◆ Exercise directions ◆
In the material below, identify each line bearing the word "schdoc". Reproduce those lines.
*** Begin section ***
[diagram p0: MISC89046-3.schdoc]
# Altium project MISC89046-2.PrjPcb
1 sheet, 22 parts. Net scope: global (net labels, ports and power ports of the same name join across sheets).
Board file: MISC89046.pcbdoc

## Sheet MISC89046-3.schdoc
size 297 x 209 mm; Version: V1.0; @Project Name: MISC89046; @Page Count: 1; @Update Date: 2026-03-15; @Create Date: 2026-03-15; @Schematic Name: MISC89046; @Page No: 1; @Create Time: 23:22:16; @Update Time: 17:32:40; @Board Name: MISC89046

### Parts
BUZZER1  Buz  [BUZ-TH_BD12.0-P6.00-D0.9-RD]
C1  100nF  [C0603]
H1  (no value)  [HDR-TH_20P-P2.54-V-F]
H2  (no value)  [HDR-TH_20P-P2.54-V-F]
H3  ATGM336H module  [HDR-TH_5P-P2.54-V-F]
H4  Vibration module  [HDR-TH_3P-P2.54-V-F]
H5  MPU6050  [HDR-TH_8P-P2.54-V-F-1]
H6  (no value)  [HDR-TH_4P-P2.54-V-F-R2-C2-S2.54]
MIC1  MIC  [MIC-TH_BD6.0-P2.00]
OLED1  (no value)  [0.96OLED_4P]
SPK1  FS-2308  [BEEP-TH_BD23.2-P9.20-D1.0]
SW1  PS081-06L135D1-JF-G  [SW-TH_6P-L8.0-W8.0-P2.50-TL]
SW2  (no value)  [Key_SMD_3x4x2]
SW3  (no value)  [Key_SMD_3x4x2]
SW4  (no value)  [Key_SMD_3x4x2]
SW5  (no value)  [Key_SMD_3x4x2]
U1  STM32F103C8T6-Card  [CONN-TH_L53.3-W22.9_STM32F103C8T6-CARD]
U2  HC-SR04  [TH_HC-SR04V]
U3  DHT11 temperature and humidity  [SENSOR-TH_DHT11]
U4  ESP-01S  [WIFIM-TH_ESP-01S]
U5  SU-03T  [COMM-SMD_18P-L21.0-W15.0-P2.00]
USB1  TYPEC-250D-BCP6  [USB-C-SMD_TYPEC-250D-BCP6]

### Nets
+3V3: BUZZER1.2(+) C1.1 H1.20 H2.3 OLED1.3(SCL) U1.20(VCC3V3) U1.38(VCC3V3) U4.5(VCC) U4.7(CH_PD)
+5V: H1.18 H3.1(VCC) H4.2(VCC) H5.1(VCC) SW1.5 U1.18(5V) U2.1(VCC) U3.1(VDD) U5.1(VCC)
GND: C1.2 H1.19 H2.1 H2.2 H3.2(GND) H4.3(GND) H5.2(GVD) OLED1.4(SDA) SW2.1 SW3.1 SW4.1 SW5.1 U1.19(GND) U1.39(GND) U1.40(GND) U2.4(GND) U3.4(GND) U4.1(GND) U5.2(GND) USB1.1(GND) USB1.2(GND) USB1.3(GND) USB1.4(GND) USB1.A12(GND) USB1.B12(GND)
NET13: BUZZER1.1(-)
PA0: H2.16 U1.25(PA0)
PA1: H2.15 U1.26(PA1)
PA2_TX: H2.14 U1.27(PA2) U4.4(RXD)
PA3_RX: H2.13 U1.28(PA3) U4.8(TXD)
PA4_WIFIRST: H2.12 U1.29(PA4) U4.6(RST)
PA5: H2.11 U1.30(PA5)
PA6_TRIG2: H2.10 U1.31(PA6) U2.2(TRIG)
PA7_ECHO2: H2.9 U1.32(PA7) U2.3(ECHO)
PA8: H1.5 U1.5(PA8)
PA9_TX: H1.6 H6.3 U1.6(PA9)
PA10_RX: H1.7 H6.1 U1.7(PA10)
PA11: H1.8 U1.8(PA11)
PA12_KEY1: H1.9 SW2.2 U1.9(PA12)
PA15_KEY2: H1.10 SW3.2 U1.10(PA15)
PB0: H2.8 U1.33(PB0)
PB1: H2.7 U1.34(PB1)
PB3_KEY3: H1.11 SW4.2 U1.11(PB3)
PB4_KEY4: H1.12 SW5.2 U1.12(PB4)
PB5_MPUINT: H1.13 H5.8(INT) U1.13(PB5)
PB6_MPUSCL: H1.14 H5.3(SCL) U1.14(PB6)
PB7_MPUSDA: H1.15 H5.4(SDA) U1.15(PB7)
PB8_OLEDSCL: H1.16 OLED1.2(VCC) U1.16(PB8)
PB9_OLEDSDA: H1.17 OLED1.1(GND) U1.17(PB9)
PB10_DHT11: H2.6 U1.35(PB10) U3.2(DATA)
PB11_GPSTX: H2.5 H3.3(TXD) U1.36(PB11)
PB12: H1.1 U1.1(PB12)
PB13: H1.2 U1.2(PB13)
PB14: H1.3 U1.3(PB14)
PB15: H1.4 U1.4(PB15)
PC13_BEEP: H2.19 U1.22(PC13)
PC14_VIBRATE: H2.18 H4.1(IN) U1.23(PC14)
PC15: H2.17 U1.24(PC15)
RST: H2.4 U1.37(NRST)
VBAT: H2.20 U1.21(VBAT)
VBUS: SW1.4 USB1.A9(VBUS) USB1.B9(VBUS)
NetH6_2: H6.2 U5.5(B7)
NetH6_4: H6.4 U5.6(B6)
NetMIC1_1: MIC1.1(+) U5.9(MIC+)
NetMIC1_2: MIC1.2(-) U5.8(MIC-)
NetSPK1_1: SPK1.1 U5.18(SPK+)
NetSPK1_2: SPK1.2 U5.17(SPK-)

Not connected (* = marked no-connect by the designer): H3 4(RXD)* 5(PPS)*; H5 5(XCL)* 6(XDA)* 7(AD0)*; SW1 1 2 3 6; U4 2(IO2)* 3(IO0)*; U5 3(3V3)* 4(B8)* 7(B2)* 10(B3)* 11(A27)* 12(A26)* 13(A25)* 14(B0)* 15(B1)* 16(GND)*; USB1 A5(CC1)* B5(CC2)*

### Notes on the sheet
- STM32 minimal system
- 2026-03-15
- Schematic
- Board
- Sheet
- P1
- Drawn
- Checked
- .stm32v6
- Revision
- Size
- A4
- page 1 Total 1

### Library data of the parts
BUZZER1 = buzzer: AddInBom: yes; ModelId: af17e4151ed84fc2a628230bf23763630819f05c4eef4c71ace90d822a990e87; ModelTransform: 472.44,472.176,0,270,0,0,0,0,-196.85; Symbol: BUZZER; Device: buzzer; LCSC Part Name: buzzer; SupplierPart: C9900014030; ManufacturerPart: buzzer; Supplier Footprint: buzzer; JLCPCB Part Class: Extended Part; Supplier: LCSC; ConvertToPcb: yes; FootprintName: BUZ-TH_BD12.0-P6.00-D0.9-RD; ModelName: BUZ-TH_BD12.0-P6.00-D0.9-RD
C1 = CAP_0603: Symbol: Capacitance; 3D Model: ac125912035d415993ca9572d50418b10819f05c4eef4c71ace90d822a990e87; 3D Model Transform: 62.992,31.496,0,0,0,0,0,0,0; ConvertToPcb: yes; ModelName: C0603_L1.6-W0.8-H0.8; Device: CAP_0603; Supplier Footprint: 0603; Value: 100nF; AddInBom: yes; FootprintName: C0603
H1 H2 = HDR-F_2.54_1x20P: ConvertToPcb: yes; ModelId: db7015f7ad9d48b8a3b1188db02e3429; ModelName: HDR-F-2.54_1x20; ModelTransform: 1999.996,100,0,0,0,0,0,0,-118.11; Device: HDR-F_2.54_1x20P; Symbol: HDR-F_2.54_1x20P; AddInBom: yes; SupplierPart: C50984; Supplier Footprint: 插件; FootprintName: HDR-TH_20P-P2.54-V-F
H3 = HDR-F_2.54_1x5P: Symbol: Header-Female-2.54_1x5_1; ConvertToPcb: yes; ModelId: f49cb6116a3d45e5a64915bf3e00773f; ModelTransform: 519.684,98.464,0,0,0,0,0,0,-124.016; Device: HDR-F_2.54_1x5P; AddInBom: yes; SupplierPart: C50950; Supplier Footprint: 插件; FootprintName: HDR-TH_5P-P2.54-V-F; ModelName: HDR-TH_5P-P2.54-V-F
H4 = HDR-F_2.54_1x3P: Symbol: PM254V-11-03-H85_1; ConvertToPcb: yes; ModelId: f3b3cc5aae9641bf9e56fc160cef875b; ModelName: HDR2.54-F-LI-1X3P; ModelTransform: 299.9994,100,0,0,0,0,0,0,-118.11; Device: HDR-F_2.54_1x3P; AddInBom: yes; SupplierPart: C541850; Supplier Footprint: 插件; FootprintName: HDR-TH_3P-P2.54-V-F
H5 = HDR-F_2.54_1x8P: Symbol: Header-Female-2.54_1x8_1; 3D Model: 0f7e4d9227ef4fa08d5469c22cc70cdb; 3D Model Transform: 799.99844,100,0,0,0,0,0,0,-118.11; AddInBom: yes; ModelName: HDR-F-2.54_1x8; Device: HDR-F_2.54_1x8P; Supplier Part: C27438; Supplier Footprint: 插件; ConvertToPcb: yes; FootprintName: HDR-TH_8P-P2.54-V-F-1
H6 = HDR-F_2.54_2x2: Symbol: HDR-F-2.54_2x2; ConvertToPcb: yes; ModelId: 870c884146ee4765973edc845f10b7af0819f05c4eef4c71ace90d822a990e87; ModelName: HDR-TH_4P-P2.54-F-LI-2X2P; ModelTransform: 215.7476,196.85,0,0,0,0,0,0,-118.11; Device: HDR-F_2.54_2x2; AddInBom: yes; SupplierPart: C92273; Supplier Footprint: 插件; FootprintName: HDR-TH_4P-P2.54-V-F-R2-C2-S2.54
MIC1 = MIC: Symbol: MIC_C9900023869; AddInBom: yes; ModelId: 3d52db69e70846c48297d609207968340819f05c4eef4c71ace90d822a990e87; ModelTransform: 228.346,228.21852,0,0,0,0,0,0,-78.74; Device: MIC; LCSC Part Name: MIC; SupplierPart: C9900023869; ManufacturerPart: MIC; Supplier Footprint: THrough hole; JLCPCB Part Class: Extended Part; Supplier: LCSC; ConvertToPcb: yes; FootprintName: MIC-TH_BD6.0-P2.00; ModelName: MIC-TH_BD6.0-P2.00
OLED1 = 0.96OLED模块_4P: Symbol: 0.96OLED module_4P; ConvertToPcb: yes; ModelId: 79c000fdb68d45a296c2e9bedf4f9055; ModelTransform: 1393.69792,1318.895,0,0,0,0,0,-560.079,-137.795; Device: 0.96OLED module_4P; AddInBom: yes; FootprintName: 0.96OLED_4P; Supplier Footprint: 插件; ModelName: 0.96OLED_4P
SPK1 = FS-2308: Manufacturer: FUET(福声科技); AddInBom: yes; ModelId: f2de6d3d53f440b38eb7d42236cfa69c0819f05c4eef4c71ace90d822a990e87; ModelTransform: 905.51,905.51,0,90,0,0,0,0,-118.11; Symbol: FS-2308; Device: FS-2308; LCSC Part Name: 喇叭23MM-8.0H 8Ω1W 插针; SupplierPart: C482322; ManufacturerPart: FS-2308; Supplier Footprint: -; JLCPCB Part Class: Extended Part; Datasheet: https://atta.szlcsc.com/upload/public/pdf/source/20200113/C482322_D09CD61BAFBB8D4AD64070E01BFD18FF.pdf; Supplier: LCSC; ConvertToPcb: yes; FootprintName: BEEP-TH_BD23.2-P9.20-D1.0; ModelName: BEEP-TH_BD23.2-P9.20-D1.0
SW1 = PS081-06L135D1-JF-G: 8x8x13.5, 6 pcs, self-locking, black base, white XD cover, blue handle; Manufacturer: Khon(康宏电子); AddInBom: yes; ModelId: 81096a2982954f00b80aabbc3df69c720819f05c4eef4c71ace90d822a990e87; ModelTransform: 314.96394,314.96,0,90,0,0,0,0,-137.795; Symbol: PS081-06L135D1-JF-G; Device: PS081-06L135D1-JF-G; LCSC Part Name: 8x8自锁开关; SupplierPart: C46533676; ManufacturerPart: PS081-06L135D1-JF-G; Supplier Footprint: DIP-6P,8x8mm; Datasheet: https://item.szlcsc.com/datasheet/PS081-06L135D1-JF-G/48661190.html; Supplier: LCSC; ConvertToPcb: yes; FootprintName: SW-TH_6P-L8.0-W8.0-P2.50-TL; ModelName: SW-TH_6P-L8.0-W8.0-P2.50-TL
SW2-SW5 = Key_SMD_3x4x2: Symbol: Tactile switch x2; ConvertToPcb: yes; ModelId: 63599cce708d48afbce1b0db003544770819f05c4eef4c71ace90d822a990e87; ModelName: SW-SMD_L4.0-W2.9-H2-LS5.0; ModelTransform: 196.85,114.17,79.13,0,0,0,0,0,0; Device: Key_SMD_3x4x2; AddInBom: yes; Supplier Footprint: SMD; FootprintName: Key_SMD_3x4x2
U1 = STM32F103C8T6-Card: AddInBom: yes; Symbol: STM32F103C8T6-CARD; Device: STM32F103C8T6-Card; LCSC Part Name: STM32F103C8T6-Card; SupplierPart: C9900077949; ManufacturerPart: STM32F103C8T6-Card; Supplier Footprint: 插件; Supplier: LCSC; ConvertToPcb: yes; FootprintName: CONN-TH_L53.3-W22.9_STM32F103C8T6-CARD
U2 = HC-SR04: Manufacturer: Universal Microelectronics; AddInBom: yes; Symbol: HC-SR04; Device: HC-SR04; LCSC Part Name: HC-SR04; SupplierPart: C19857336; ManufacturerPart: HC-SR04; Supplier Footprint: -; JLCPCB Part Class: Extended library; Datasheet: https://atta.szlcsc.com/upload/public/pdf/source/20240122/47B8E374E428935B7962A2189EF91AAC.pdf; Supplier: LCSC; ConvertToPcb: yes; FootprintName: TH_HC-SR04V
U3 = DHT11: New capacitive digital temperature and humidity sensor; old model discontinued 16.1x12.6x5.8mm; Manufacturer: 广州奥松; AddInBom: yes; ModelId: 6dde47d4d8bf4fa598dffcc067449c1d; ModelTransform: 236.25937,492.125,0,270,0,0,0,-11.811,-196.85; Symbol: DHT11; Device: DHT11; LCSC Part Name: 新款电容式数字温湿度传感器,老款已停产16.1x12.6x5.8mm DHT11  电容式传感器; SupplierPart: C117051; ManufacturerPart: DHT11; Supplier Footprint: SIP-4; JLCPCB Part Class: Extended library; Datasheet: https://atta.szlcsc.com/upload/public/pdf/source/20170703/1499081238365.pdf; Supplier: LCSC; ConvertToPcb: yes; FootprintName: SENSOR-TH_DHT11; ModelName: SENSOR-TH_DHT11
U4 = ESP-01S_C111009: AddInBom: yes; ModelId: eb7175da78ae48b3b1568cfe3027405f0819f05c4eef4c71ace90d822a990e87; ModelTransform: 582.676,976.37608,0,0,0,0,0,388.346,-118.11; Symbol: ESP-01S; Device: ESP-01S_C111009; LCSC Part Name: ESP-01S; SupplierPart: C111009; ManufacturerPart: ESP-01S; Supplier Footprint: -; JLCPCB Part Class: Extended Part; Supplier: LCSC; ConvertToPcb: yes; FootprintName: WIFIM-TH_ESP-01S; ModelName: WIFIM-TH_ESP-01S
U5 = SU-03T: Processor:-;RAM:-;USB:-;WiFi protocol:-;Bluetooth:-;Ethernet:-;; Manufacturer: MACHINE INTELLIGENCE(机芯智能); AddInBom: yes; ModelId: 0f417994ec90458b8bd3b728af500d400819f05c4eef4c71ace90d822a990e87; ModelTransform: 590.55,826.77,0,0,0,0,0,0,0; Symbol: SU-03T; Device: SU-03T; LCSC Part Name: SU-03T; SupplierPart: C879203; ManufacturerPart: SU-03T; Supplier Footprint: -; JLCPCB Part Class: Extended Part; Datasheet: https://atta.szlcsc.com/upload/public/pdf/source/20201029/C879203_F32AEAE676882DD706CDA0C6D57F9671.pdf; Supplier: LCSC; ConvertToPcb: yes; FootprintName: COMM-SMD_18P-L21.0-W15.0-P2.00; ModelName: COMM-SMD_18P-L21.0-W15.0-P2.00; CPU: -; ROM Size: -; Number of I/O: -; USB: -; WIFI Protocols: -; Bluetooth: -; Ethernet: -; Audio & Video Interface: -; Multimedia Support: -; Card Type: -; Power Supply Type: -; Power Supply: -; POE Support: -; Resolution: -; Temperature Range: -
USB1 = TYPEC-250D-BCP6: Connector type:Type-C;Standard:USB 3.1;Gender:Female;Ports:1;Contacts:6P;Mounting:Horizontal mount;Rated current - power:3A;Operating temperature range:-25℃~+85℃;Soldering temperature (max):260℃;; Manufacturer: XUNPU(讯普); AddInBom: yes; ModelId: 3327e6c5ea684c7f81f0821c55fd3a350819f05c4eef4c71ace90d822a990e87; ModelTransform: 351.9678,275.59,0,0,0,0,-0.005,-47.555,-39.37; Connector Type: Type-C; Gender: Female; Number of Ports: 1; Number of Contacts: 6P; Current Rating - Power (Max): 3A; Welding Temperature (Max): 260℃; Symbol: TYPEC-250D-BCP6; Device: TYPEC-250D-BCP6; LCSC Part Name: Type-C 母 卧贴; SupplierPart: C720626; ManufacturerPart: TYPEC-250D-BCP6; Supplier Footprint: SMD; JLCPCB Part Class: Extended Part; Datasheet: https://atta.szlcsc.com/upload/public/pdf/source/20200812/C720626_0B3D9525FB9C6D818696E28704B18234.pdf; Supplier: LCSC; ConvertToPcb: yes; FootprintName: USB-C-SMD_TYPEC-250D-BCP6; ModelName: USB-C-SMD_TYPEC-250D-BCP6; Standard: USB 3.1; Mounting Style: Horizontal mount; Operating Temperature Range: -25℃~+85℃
*** End section ***
◆ Answer to the exercise ◆
[diagram p0: MISC89046-3.schdoc]
## Sheet MISC89046-3.schdoc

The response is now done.